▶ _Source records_
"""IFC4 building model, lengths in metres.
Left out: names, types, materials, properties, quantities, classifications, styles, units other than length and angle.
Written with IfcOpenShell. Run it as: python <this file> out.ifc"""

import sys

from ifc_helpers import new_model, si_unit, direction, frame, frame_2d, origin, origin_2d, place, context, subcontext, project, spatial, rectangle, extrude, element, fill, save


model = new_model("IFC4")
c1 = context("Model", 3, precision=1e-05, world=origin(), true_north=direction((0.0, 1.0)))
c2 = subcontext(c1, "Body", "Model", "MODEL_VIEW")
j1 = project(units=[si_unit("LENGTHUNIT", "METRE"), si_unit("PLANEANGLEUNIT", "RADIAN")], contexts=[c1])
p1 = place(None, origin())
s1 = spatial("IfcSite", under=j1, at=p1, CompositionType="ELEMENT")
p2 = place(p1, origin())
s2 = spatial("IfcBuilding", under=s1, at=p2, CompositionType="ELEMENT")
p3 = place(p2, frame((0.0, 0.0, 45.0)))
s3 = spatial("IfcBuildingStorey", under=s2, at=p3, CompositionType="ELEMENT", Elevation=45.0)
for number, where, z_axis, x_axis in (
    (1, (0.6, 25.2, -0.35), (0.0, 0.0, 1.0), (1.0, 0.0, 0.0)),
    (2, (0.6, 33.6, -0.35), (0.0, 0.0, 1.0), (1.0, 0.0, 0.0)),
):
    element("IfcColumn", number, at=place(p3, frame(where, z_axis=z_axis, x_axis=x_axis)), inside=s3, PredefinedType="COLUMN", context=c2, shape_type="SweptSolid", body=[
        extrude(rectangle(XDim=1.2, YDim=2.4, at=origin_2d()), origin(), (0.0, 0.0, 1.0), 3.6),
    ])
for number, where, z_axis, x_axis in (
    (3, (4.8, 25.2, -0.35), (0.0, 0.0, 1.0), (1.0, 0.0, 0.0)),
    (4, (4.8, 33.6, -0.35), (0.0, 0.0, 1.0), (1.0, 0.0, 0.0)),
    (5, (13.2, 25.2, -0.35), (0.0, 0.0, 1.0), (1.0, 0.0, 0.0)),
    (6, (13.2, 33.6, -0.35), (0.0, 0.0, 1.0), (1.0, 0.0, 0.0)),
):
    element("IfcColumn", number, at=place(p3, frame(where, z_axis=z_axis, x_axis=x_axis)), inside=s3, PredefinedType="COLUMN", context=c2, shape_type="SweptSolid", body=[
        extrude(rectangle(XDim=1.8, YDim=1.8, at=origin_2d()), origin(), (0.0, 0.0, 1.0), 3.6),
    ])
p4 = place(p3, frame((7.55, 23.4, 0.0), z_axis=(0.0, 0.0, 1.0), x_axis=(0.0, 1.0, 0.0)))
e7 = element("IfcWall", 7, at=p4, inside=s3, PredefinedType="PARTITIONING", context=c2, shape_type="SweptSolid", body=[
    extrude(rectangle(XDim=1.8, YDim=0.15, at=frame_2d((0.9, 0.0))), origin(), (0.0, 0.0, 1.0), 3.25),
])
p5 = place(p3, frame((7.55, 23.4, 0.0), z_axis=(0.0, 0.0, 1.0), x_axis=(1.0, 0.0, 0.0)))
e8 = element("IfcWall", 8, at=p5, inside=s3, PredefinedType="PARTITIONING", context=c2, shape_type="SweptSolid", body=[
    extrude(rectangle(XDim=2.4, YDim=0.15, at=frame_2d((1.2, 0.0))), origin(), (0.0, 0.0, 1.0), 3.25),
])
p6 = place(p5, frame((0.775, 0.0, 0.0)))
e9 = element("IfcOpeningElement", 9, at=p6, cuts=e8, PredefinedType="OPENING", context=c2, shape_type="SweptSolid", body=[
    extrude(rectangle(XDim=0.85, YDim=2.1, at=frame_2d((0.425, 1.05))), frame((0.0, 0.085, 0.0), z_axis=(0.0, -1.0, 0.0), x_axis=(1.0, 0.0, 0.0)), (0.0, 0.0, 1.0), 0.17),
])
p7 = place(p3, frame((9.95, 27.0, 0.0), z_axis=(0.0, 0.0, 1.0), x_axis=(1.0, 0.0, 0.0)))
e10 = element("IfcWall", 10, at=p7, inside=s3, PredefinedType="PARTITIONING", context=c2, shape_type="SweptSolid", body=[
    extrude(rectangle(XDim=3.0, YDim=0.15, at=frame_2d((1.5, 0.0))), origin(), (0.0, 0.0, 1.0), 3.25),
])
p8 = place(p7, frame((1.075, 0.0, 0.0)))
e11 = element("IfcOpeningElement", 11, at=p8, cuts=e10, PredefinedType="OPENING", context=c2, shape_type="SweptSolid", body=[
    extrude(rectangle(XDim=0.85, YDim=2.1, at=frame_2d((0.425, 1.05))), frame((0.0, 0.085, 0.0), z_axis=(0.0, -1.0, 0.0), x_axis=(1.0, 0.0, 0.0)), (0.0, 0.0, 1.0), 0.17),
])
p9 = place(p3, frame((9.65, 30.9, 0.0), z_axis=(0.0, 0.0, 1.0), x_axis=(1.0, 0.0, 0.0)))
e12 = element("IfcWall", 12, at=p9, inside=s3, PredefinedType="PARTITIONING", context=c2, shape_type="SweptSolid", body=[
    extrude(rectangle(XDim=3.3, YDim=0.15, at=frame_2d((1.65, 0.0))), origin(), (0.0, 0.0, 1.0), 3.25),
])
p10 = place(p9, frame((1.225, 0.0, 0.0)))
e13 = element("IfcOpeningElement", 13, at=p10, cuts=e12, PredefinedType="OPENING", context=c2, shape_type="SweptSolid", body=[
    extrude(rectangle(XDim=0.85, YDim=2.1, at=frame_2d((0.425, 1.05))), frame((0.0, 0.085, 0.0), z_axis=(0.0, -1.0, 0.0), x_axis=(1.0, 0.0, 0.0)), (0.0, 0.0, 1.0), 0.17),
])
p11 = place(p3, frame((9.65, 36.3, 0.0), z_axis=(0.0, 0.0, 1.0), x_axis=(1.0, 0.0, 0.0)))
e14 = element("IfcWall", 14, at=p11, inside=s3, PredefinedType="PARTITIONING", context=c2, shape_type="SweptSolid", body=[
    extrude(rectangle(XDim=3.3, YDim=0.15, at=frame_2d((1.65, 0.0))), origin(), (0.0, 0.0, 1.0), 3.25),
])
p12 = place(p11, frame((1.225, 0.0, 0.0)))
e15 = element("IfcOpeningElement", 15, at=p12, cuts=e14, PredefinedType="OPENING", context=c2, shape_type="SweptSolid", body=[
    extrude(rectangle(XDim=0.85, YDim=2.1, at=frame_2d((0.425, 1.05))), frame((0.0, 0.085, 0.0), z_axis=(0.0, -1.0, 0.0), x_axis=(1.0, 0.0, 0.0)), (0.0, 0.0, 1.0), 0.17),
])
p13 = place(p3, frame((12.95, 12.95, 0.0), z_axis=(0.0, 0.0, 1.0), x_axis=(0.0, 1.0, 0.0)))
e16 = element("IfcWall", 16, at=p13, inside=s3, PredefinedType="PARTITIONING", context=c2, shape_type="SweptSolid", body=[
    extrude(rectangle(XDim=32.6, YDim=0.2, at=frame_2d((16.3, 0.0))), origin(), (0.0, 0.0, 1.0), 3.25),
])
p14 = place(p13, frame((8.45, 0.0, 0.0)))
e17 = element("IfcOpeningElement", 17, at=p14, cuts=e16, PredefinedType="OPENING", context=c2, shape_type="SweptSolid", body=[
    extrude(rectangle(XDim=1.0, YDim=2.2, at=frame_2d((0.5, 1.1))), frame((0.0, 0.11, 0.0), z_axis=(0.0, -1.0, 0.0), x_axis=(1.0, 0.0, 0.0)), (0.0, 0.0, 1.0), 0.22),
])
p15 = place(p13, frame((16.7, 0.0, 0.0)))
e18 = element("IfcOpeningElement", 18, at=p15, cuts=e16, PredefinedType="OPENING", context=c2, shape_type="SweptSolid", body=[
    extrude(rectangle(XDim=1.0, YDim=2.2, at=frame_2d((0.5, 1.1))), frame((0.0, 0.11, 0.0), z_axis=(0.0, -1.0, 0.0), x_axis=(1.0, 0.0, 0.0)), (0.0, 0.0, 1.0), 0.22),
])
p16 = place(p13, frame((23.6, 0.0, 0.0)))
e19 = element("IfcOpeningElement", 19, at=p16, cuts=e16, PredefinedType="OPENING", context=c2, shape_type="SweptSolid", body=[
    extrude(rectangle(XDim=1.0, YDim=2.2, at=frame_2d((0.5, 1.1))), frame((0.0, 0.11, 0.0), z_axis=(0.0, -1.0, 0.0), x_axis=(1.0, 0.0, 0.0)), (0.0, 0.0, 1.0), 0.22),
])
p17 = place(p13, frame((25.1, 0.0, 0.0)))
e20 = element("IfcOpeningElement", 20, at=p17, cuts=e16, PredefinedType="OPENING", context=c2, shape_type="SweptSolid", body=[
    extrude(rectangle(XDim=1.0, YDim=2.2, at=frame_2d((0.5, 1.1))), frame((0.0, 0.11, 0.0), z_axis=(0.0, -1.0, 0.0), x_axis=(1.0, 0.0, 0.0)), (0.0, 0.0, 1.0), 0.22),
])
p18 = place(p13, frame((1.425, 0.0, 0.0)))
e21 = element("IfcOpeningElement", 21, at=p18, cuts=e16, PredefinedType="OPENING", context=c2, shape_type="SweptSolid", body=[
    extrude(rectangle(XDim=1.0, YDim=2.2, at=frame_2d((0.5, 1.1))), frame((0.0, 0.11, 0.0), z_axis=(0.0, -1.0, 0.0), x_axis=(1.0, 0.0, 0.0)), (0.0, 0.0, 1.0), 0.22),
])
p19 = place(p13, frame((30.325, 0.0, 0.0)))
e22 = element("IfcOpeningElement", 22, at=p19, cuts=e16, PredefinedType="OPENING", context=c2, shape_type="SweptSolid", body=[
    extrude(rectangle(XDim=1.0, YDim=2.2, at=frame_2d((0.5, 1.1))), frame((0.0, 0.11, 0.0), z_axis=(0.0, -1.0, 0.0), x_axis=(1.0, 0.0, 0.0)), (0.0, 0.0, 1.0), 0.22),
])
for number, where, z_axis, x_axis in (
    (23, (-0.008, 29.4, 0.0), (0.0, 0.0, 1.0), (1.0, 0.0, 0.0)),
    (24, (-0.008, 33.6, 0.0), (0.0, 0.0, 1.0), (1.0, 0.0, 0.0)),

▶ _Task requirements_
In the entries above, the lines between the one holding "30.9, 0.0), z_axis=(0.0, 0.0, 1.0), x_axis=(1.0, 0.0, 0.0)))" and the one holding "p10 = place(p9, frame((1.225, 0.0, 0.0)))", inclusive, are to be printed exactly as written, and those alone.

▶ _Answer for the task_
p9 = place(p3, frame((9.65, 30.9, 0.0), z_axis=(0.0, 0.0, 1.0), x_axis=(1.0, 0.0, 0.0)))
e12 = element("IfcWall", 12, at=p9, inside=s3, PredefinedType="PARTITIONING", context=c2, shape_type="SweptSolid", body=[
    extrude(rectangle(XDim=3.3, YDim=0.15, at=frame_2d((1.65, 0.0))), origin(), (0.0, 0.0, 1.0), 3.25),
])
p10 = place(p9, frame((1.225, 0.0, 0.0)))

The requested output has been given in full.